TASK DESCRIPTION: Lines holding the string "CompositionType": copy each one from the listing below.

SOURCE DATA:
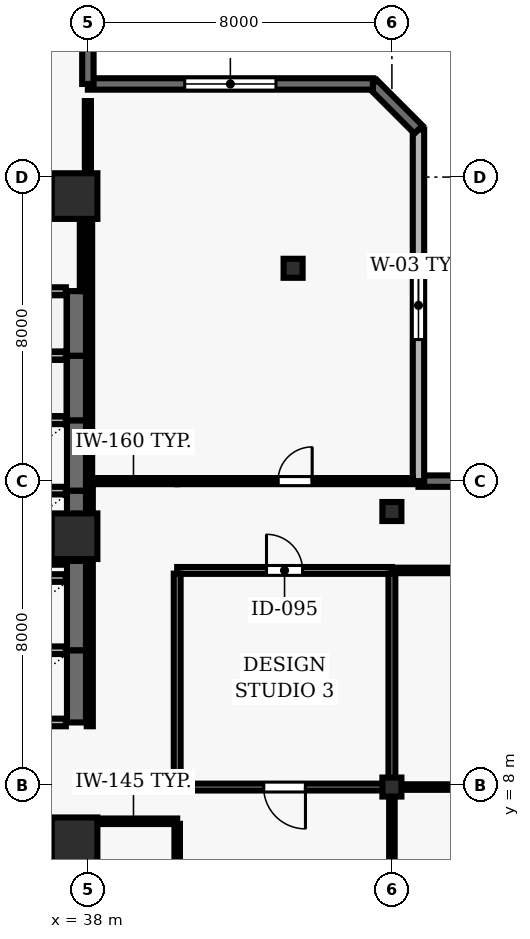
"""IFC4 building model, lengths in metres.
Left out: names, types, materials, properties, quantities, classifications, styles, units other than length and angle.
Written with IfcOpenShell. Run it as: python <this file> out.ifc"""

import sys

from ifc_helpers import new_model, si_unit, direction, frame, frame_2d, origin, origin_2d, place, context, subcontext, project, spatial, rectangle, hollow_rectangle, extrude, element, fill, save


model = new_model("IFC4")
c1 = context("Model", 3, precision=1e-05, world=origin(), true_north=direction((0.0, 1.0)))
c2 = subcontext(c1, "Body", "Model", "MODEL_VIEW")
j1 = project(units=[si_unit("LENGTHUNIT", "METRE"), si_unit("PLANEANGLEUNIT", "RADIAN")], contexts=[c1])
p1 = place(None, origin())
s1 = spatial("IfcSite", under=j1, at=p1, CompositionType="ELEMENT")
p2 = place(p1, origin())
s2 = spatial("IfcBuilding", under=s1, at=p2, CompositionType="ELEMENT")
p3 = place(p2, frame((0.0, 0.0, 138.5)))
s3 = spatial("IfcBuildingStorey", under=s2, at=p3, CompositionType="ELEMENT", Elevation=138.5)
for number, where, z_axis, x_axis in (
    (1, (37.65, 6.55, 0.0), (0.0, 0.0, 1.0), (1.0, 0.0, 0.0)),
    (2, (37.65, 14.55, 0.0), (0.0, 0.0, 1.0), (1.0, 0.0, 0.0)),
    (3, (37.65, 23.5, 0.0), (0.0, 0.0, 1.0), (1.0, 0.0, 0.0)),
):
    element("IfcColumn", number, at=place(p3, frame(where, z_axis=z_axis, x_axis=x_axis)), inside=s3, PredefinedType="COLUMN", context=c2, shape_type="SweptSolid", body=[
        extrude(rectangle(XDim=1.2, YDim=1.2, at=origin_2d()), origin(), (0.0, 0.0, 1.0), 3.9),
    ])
for number, where, z_axis, x_axis in (
    (4, (46.0, 7.95, 0.0), (0.0, 0.0, 1.0), (1.0, 0.0, 0.0)),
    (5, (46.0, 15.2, 0.0), (0.0, 0.0, 1.0), (1.0, 0.0, 0.0)),
    (6, (43.4, 21.6, 0.0), (0.0, 0.0, 1.0), (1.0, 0.0, 0.0)),
):
    element("IfcColumn", number, at=place(p3, frame(where, z_axis=z_axis, x_axis=x_axis)), inside=s3, PredefinedType="COLUMN", context=c2, shape_type="SweptSolid", body=[
        extrude(hollow_rectangle(XDim=0.5, YDim=0.5, WallThickness=0.025, at=origin_2d()), origin(), (0.0, 0.0, 1.0), 3.9),
    ])
p4 = place(p3, frame((68.1, 16.0, 0.0), z_axis=(0.0, 0.0, 1.0), x_axis=(-1.0, 0.0, 0.0)))
e7 = element("IfcWall", 7, at=p4, inside=s3, PredefinedType="SOLIDWALL", context=c2, shape_type="SweptSolid", body=[
    extrude(rectangle(XDim=21.401, YDim=0.3, at=frame_2d((10.701, 0.0))), origin(), (0.0, 0.0, 1.0), 3.69),
])
p5 = place(p4, frame((12.3, 0.0, 0.0)))
e8 = element("IfcOpeningElement", 8, at=p5, cuts=e7, PredefinedType="OPENING", context=c2, shape_type="SweptSolid", body=[
    extrude(rectangle(XDim=1.0, YDim=2.2, at=frame_2d((0.5, 1.1))), frame((0.0, 0.16, 0.0), z_axis=(0.0, -1.0, 0.0), x_axis=(1.0, 0.0, 0.0)), (0.0, 0.0, 1.0), 0.32),
])
p6 = place(p4, frame((2.817, 0.0, 0.9)))
e9 = element("IfcOpeningElement", 9, at=p6, cuts=e7, PredefinedType="OPENING", context=c2, shape_type="SweptSolid", body=[
    extrude(rectangle(XDim=1.5, YDim=1.6, at=frame_2d((0.75, 0.8))), frame((0.0, 0.16, 0.0), z_axis=(0.0, -1.0, 0.0), x_axis=(1.0, 0.0, 0.0)), (0.0, 0.0, 1.0), 0.32),
])
p7 = place(p4, frame((9.95, 0.0, 0.9)))
e10 = element("IfcOpeningElement", 10, at=p7, cuts=e7, PredefinedType="OPENING", context=c2, shape_type="SweptSolid", body=[
    extrude(rectangle(XDim=1.5, YDim=1.6, at=frame_2d((0.75, 0.8))), frame((0.0, 0.16, 0.0), z_axis=(0.0, -1.0, 0.0), x_axis=(1.0, 0.0, 0.0)), (0.0, 0.0, 1.0), 0.32),
])
p8 = place(p4, frame((17.084, 0.0, 0.9)))
e11 = element("IfcOpeningElement", 11, at=p8, cuts=e7, PredefinedType="OPENING", context=c2, shape_type="SweptSolid", body=[
    extrude(rectangle(XDim=1.5, YDim=1.6, at=frame_2d((0.75, 0.8))), frame((0.0, 0.16, 0.0), z_axis=(0.0, -1.0, 0.0), x_axis=(1.0, 0.0, 0.0)), (0.0, 0.0, 1.0), 0.32),
])
p9 = place(p3, frame((46.699, 16.0, 0.0), z_axis=(0.0, 0.0, 1.0), x_axis=(0.0, 1.0, 0.0)))
e12 = element("IfcWall", 12, at=p9, inside=s3, PredefinedType="SOLIDWALL", context=c2, shape_type="SweptSolid", body=[
    extrude(rectangle(XDim=9.25, YDim=0.3, at=frame_2d((4.625, 0.0))), origin(), (0.0, 0.0, 1.0), 3.69),
])
p10 = place(p9, frame((3.725, 0.0, 0.9)))
e13 = element("IfcOpeningElement", 13, at=p10, cuts=e12, PredefinedType="OPENING", context=c2, shape_type="SweptSolid", body=[
    extrude(rectangle(XDim=1.8, YDim=1.6, at=frame_2d((0.9, 0.8))), frame((0.0, 0.16, 0.0), z_axis=(0.0, -1.0, 0.0), x_axis=(1.0, 0.0, 0.0)), (0.0, 0.0, 1.0), 0.32),
])
p11 = place(p3, frame((46.699, 25.25, 0.0), z_axis=(0.0, 0.0, 1.0), x_axis=(-0.707106781187, 0.707106781187, 0.0)))
e14 = element("IfcWall", 14, at=p11, inside=s3, PredefinedType="SOLIDWALL", context=c2, shape_type="SweptSolid", body=[
    extrude(rectangle(XDim=1.697, YDim=0.3, at=frame_2d((0.849, 0.0))), origin(), (0.0, 0.0, 1.0), 3.69),
])
p12 = place(p3, frame((45.499, 26.45, 0.0), z_axis=(0.0, 0.0, 1.0), x_axis=(-1.0, 0.0, 0.0)))
e15 = element("IfcWall", 15, at=p12, inside=s3, PredefinedType="SOLIDWALL", context=c2, shape_type="SweptSolid", body=[
    extrude(rectangle(XDim=7.499, YDim=0.3, at=frame_2d((3.75, 0.0))), origin(), (0.0, 0.0, 1.0), 3.69),
])
p13 = place(p12, frame((2.55, 0.0, 0.9)))
e16 = element("IfcOpeningElement", 16, at=p13, cuts=e15, PredefinedType="OPENING", context=c2, shape_type="SweptSolid", body=[
    extrude(rectangle(XDim=2.4, YDim=1.6, at=frame_2d((1.2, 0.8))), frame((0.0, 0.16, 0.0), z_axis=(0.0, -1.0, 0.0), x_axis=(1.0, 0.0, 0.0)), (0.0, 0.0, 1.0), 0.32),
])
p14 = place(p3, frame((38.0, 26.45, 0.0), z_axis=(0.0, 0.0, 1.0), x_axis=(0.0, 1.0, 0.0)))
e17 = element("IfcWall", 17, at=p14, inside=s3, PredefinedType="SOLIDWALL", context=c2, shape_type="SweptSolid", body=[
    extrude(rectangle(XDim=19.65, YDim=0.3, at=frame_2d((9.825, 0.0))), origin(), (0.0, 0.0, 1.0), 3.69),
])
p15 = place(p14, frame((11.625, 0.0, 0.0)))
e18 = element("IfcOpeningElement", 18, at=p15, cuts=e17, PredefinedType="OPENING", context=c2, shape_type="SweptSolid", body=[
    extrude(rectangle(XDim=1.0, YDim=2.2, at=frame_2d((0.5, 1.1))), frame((0.0, 0.16, 0.0), z_axis=(0.0, -1.0, 0.0), x_axis=(1.0, 0.0, 0.0)), (0.0, 0.0, 1.0), 0.32),
])
p16 = place(p14, frame((15.625, 0.0, 0.9)))
e19 = element("IfcOpeningElement", 19, at=p16, cuts=e17, PredefinedType="OPENING", context=c2, shape_type="SweptSolid", body=[
    extrude(rectangle(XDim=1.5, YDim=1.8, at=frame_2d((0.75, 0.9))), frame((0.0, 0.16, 0.0), z_axis=(0.0, -1.0, 0.0), x_axis=(1.0, 0.0, 0.0)), (0.0, 0.0, 1.0), 0.32),
])
p17 = place(p3, frame((37.7, 4.7, 0.0), z_axis=(0.0, 0.0, 1.0), x_axis=(0.0, 1.0, 0.0)))
e20 = element("IfcWall", 20, at=p17, inside=s3, PredefinedType="SHEAR", context=c2, shape_type="SweptSolid", body=[
    extrude(rectangle(XDim=2.25, YDim=0.5, at=frame_2d((1.125, 0.0))), origin(), (0.0, 0.0, 1.0), 3.69),
])
p18 = place(p3, frame((37.42, 6.95, 0.0), z_axis=(0.0, 0.0, 1.0), x_axis=(-1.0, 0.0, 0.0)))
e21 = element("IfcWall", 21, at=p18, inside=s3, PredefinedType="SOLIDWALL", context=c2, shape_type="SweptSolid", body=[
    extrude(rectangle(XDim=2.14, YDim=0.2, at=frame_2d((1.07, 0.0))), origin(), (0.0, 0.0, 1.0), 3.69),
])
p19 = place(p3, frame((37.7, 9.65, 0.0), z_axis=(0.0, 0.0, 1.0), x_axis=(0.0, 1.0, 0.0)))
e22 = element("IfcWall", 22, at=p19, inside=s3, PredefinedType="SHEAR", context=c2, shape_type="SweptSolid", body=[
    extrude(rectangle(XDim=1.9, YDim=0.5, at=frame_2d((0.95, 0.0))), origin(), (0.0, 0.0, 1.0), 3.69),
])
for number, where, z_axis, x_axis in (
    (23, (35.28, 9.65, 0.0), (0.0, 0.0, 1.0), (1.0, 0.0, 0.0)),
    (24, (37.42, 11.55, 0.0), (0.0, 0.0, 1.0), (-1.0, 0.0, 0.0)),
):
    element("IfcWall", number, at=place(p3, frame(where, z_axis=z_axis, x_axis=x_axis)), inside=s3, PredefinedType="SOLIDWALL", context=c2, shape_type="SweptSolid", body=[
        extrude(rectangle(XDim=2.14, YDim=0.2, at=frame_2d((1.07, 0.0))), origin(), (0.0, 0.0, 1.0), 3.69),
    ])
p20 = place(p3, frame((37.7, 11.55, 0.0), z_axis=(0.0, 0.0, 1.0), x_axis=(0.0, 1.0, 0.0)))
e25 = element("IfcWall", 25, at=p20, inside=s3, PredefinedType="SHEAR", context=c2, shape_type="SweptSolid", body=[
    extrude(rectangle(XDim=2.35, YDim=0.5, at=frame_2d((1.175, 0.0))), origin(), (0.0, 0.0, 1.0), 3.69),
])
p21 = place(p3, frame((37.42, 13.45, 0.0), z_axis=(0.0, 0.0, 1.0), x_axis=(-1.0, 0.0, 0.0)))
e26 = element("IfcWall", 26, at=p21, inside=s3, PredefinedType="SOLIDWALL", context=c2, shape_type="SweptSolid", body=[
    extrude(rectangle(XDim=2.14, YDim=0.2, at=frame_2d((1.07, 0.0))), origin(), (0.0, 0.0, 1.0), 3.69),
])
p22 = place(p3, frame((37.7, 13.9, 0.0), z_axis=(0.0, 0.0, 1.0), x_axis=(0.0, 1.0, 0.0)))
e27 = element("IfcWall", 27, at=p22, inside=s3, PredefinedType="SHEAR", context=c2, shape_type="SweptSolid", body=[
    extrude(rectangle(XDim=1.85, YDim=0.5, at=frame_2d((0.925, 0.0))), origin(), (0.0, 0.0, 1.0), 3.69),
])
for number, where, z_axis, x_axis in (
    (28, (35.28, 13.9, 0.0), (0.0, 0.0, 1.0), (1.0, 0.0, 0.0)),
    (29, (37.42, 15.75, 0.0), (0.0, 0.0, 1.0), (-1.0, 0.0, 0.0)),
):
    element("IfcWall", number, at=place(p3, frame(where, z_axis=z_axis, x_axis=x_axis)), inside=s3, PredefinedType="SOLIDWALL", context=c2, shape_type="SweptSolid", body=[
        extrude(rectangle(XDim=2.14, YDim=0.2, at=frame_2d((1.07, 0.0))), origin(), (0.0, 0.0, 1.0), 3.69),
    ])
p23 = place(p3, frame((37.7, 15.75, 0.0), z_axis=(0.0, 0.0, 1.0), x_axis=(0.0, 1.0, 0.0)))
e30 = element("IfcWall", 30, at=p23, inside=s3, PredefinedType="SHEAR", context=c2, shape_type="SweptSolid", body=[
    extrude(rectangle(XDim=1.85, YDim=0.5, at=frame_2d((0.925, 0.0))), origin(), (0.0, 0.0, 1.0), 3.69),
])
p24 = place(p3, frame((37.42, 17.6, 0.0), z_axis=(0.0, 0.0, 1.0), x_axis=(-1.0, 0.0, 0.0)))
e31 = element("IfcWall", 31, at=p24, inside=s3, PredefinedType="SOLIDWALL", context=c2, shape_type="SweptSolid", body=[
    extrude(rectangle(XDim=2.14, YDim=0.2, at=frame_2d((1.07, 0.0))), origin(), (0.0, 0.0, 1.0), 3.69),
])
p25 = place(p3, frame((37.7, 17.6, 0.0), z_axis=(0.0, 0.0, 1.0), x_axis=(0.0, 1.0, 0.0)))
e32 = element("IfcWall", 32, at=p25, inside=s3, PredefinedType="SHEAR", context=c2, shape_type="SweptSolid", body=[
    extrude(rectangle(XDim=1.7, YDim=0.5, at=frame_2d((0.85, 0.0))), origin(), (0.0, 0.0, 1.0), 3.69),
])
p26 = place(p3, frame((37.42, 19.3, 0.0), z_axis=(0.0, 0.0, 1.0), x_axis=(-1.0, 0.0, 0.0)))
e33 = element("IfcWall", 33, at=p26, inside=s3, PredefinedType="SOLIDWALL", context=c2, shape_type="SweptSolid", body=[
    extrude(rectangle(XDim=2.14, YDim=0.2, at=frame_2d((1.07, 0.0))), origin(), (0.0, 0.0, 1.0), 3.69),
])
p27 = place(p3, frame((37.7, 19.3, 0.0), z_axis=(0.0, 0.0, 1.0), x_axis=(0.0, 1.0, 0.0)))
e34 = element("IfcWall", 34, at=p27, inside=s3, PredefinedType="SHEAR", context=c2, shape_type="SweptSolid", body=[
    extrude(rectangle(XDim=1.7, YDim=0.5, at=frame_2d((0.85, 0.0))), origin(), (0.0, 0.0, 1.0), 3.69),
])
p28 = place(p3, frame((37.42, 21.0, 0.0), z_axis=(0.0, 0.0, 1.0), x_axis=(-1.0, 0.0, 0.0)))
e35 = element("IfcWall", 35, at=p28, inside=s3, PredefinedType="SOLIDWALL", context=c2, shape_type="SweptSolid", body=[
    extrude(rectangle(XDim=2.14, YDim=0.2, at=frame_2d((1.07, 0.0))), origin(), (0.0, 0.0, 1.0), 3.69),
])
p29 = place(p3, frame((37.85, 23.85, 0.0), z_axis=(0.0, 0.0, 1.0), x_axis=(-1.0, 0.0, 0.0)))
e36 = element("IfcWall", 36, at=p29, inside=s3, PredefinedType="PARTITIONING", context=c2, shape_type="SweptSolid", body=[
    extrude(rectangle(XDim=2.0, YDim=0.16, at=frame_2d((1.0, 0.0))), origin(), (0.0, 0.0, 1.0), 3.073),
])
p30 = place(p3, frame((38.05, 7.05, 0.0), z_axis=(0.0, 0.0, 1.0), x_axis=(1.0, 0.0, 0.0)))
e37 = element("IfcWall", 37, at=p30, inside=s3, PredefinedType="PARTITIONING", context=c2, shape_type="SweptSolid", body=[
    extrude(rectangle(XDim=2.3, YDim=0.145, at=frame_2d((1.15, 0.0))), origin(), (0.0, 0.0, 1.0), 3.69),
])
p31 = place(p3, frame((40.35, 13.65, 0.0), z_axis=(0.0, 0.0, 1.0), x_axis=(1.0, 0.0, 0.0)))
e38 = element("IfcWall", 38, at=p31, inside=s3, PredefinedType="PARTITIONING", context=c2, shape_type="SweptSolid", body=[
    extrude(rectangle(XDim=5.65, YDim=0.18, at=frame_2d((2.825, 0.0))), origin(), (0.0, 0.0, 1.0), 3.69),
])
p32 = place(p31, frame((2.35, 0.0, 0.0)))
e39 = element("IfcOpeningElement", 39, at=p32, cuts=e38, PredefinedType="OPENING", context=c2, shape_type="SweptSolid", body=[
    extrude(rectangle(XDim=0.95, YDim=2.1, at=frame_2d((0.475, 1.05))), frame((0.0, 0.1, 0.0), z_axis=(0.0, -1.0, 0.0), x_axis=(1.0, 0.0, 0.0)), (0.0, 0.0, 1.0), 0.2),
])
p33 = place(p3, frame((40.35, 16.0, 0.0), z_axis=(0.0, 0.0, 1.0), x_axis=(-1.0, 0.0, 0.0)))
e40 = element("IfcWall", 40, at=p33, inside=s3, PredefinedType="PARTITIONING", context=c2, shape_type="SweptSolid", body=[
    extrude(rectangle(XDim=2.3, YDim=0.16, at=frame_2d((1.15, 0.0))), origin(), (0.0, 0.0, 1.0), 3.69),
])
p34 = place(p3, frame((40.35, 16.0, 0.0), z_axis=(0.0, 0.0, 1.0), x_axis=(1.0, 0.0, 0.0)))
e41 = element("IfcWall", 41, at=p34, inside=s3, PredefinedType="PARTITIONING", context=c2, shape_type="SweptSolid", body=[
    extrude(rectangle(XDim=6.204, YDim=0.16, at=frame_2d((3.102, 0.0))), origin(), (0.0, 0.0, 1.0), 3.39),
])
p35 = place(p34, frame((2.652, 0.0, 0.0)))
e42 = element("IfcOpeningElement", 42, at=p35, cuts=e41, PredefinedType="OPENING", context=c2, shape_type="SweptSolid", body=[
    extrude(rectangle(XDim=0.9, YDim=2.1, at=frame_2d((0.45, 1.05))), frame((0.0, 0.09, 0.0), z_axis=(0.0, -1.0, 0.0), x_axis=(1.0, 0.0, 0.0)), (0.0, 0.0, 1.0), 0.18),
])
p36 = place(p3, frame((46.0, 7.95, 0.0), z_axis=(0.0, 0.0, 1.0), x_axis=(-1.0, 0.0, 0.0)))
e43 = element("IfcWall", 43, at=p36, inside=s3, PredefinedType="PARTITIONING", context=c2, shape_type="SweptSolid", body=[
    extrude(rectangle(XDim=5.65, YDim=0.18, at=frame_2d((2.825, 0.0))), origin(), (0.0, 0.0, 1.0), 3.073),
])
p37 = place(p36, frame((2.275, 0.0, 0.0)))
e44 = element("IfcOpeningElement", 44, at=p37, cuts=e43, PredefinedType="OPENING", context=c2, shape_type="SweptSolid", body=[
    extrude(rectangle(XDim=1.1, YDim=2.15, at=frame_2d((0.55, 1.075))), frame((0.0, 0.1, 0.0), z_axis=(0.0, -1.0, 0.0), x_axis=(1.0, 0.0, 0.0)), (0.0, 0.0, 1.0), 0.2),
])
p38 = place(p3, frame((46.0, 13.65, 0.0), z_axis=(0.0, 0.0, 1.0), x_axis=(1.0, 0.0, 0.0)))
e45 = element("IfcWall", 45, at=p38, inside=s3, PredefinedType="PARTITIONING", context=c2, shape_type="SweptSolid", body=[
    extrude(rectangle(XDim=7.05, YDim=0.145, at=frame_2d((3.525, 0.0))), origin(), (0.0, 0.0, 1.0), 3.69),
])
p39 = place(p38, frame((2.975, 0.0, 0.0)))
e46 = element("IfcOpeningElement", 46, at=p39, cuts=e45, PredefinedType="OPENING", context=c2, shape_type="SweptSolid", body=[
    extrude(rectangle(XDim=1.1, YDim=2.15, at=frame_2d((0.55, 1.075))), frame((0.0, 0.083, 0.0), z_axis=(0.0, -1.0, 0.0), x_axis=(1.0, 0.0, 0.0)), (0.0, 0.0, 1.0), 0.165),
])
p40 = place(p3, frame((53.05, 7.95, 0.0), z_axis=(0.0, 0.0, 1.0), x_axis=(-1.0, 0.0, 0.0)))
e47 = element("IfcWall", 47, at=p40, inside=s3, PredefinedType="PARTITIONING", context=c2, shape_type="SweptSolid", body=[
    extrude(rectangle(XDim=7.05, YDim=0.145, at=frame_2d((3.525, 0.0))), origin(), (0.0, 0.0, 1.0), 3.073),
])
p41 = place(p3, frame((37.85, 21.0, 0.0), z_axis=(0.0, 0.0, 1.0), x_axis=(0.0, 1.0, 0.0)))
e48 = element("IfcWall", 48, at=p41, inside=s3, PredefinedType="PARTITIONING", context=c2, shape_type="SweptSolid", body=[
    extrude(rectangle(XDim=2.775, YDim=0.125, at=frame_2d((1.387, 0.0))), origin(), (0.0, 0.0, 1.0), 3.073),
])
p42 = place(p3, frame((38.0, 23.85, 0.0), z_axis=(0.0, 0.0, 1.0), x_axis=(0.0, 1.0, 0.0)))
e49 = element("IfcWall", 49, at=p42, inside=s3, PredefinedType="PARTITIONING", context=c2, shape_type="SweptSolid", body=[
    extrude(rectangle(XDim=2.15, YDim=0.16, at=frame_2d((1.075, 0.0))), origin(), (0.0, 0.0, 1.0), 3.073),
])
p43 = place(p3, frame((38.05, 6.982, 0.0), z_axis=(0.0, 0.0, 1.0), x_axis=(0.0, -1.0, 0.0)))
e50 = element("IfcWall", 50, at=p43, inside=s3, PredefinedType="PARTITIONING", context=c2, shape_type="SweptSolid", body=[
    extrude(rectangle(XDim=6.837, YDim=0.145, at=frame_2d((3.418, 0.0))), origin(), (0.0, 0.0, 1.0), 3.073),
])
p44 = place(p3, frame((38.05, 15.925, 0.0), z_axis=(0.0, 0.0, 1.0), x_axis=(0.0, -1.0, 0.0)))
e51 = element("IfcWall", 51, at=p44, inside=s3, PredefinedType="PARTITIONING", context=c2, shape_type="SweptSolid", body=[
    extrude(rectangle(XDim=6.375, YDim=0.16, at=frame_2d((3.188, 0.0))), origin(), (0.0, 0.0, 1.0), 3.073),
])
p45 = place(p3, frame((38.05, 23.85, 0.0), z_axis=(0.0, 0.0, 1.0), x_axis=(0.0, -1.0, 0.0)))
e52 = element("IfcWall", 52, at=p45, inside=s3, PredefinedType="PARTITIONING", context=c2, shape_type="SweptSolid", body=[
    extrude(rectangle(XDim=7.775, YDim=0.125, at=frame_2d((3.888, 0.0))), origin(), (0.0, 0.0, 1.0), 3.073),
])
p46 = place(p3, frame((40.35, 0.145, 0.0), z_axis=(0.0, 0.0, 1.0), x_axis=(0.0, 1.0, 0.0)))
e53 = element("IfcWall", 53, at=p46, inside=s3, PredefinedType="PARTITIONING", context=c2, shape_type="SweptSolid", body=[
    extrude(rectangle(XDim=6.837, YDim=0.145, at=frame_2d((3.418, 0.0))), origin(), (0.0, 0.0, 1.0), 3.69),
])
p47 = place(p46, frame((2.869, 0.0, 0.0)))
e54 = element("IfcOpeningElement", 54, at=p47, cuts=e53, PredefinedType="OPENING", context=c2, shape_type="SweptSolid", body=[
    extrude(rectangle(XDim=1.1, YDim=2.15, at=frame_2d((0.55, 1.075))), frame((0.0, 0.083, 0.0), z_axis=(0.0, -1.0, 0.0), x_axis=(1.0, 0.0, 0.0)), (0.0, 0.0, 1.0), 0.165),
])
p48 = place(p3, frame((40.35, 8.035, 0.0), z_axis=(0.0, 0.0, 1.0), x_axis=(0.0, 1.0, 0.0)))
e55 = element("IfcWall", 55, at=p48, inside=s3, PredefinedType="PARTITIONING", context=c2, shape_type="SweptSolid", body=[
    extrude(rectangle(XDim=5.53, YDim=0.18, at=frame_2d((2.765, 0.0))), origin(), (0.0, 0.0, 1.0), 3.69),
])
p49 = place(p3, frame((46.0, 0.145, 0.0), z_axis=(0.0, 0.0, 1.0), x_axis=(0.0, 1.0, 0.0)))
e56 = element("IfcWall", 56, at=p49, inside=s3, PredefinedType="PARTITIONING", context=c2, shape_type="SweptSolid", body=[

REPLY:
s1 = spatial("IfcSite", under=j1, at=p1, CompositionType="ELEMENT")
s2 = spatial("IfcBuilding", under=s1, at=p2, CompositionType="ELEMENT")
s3 = spatial("IfcBuildingStorey", under=s2, at=p3, CompositionType="ELEMENT", Elevation=138.5)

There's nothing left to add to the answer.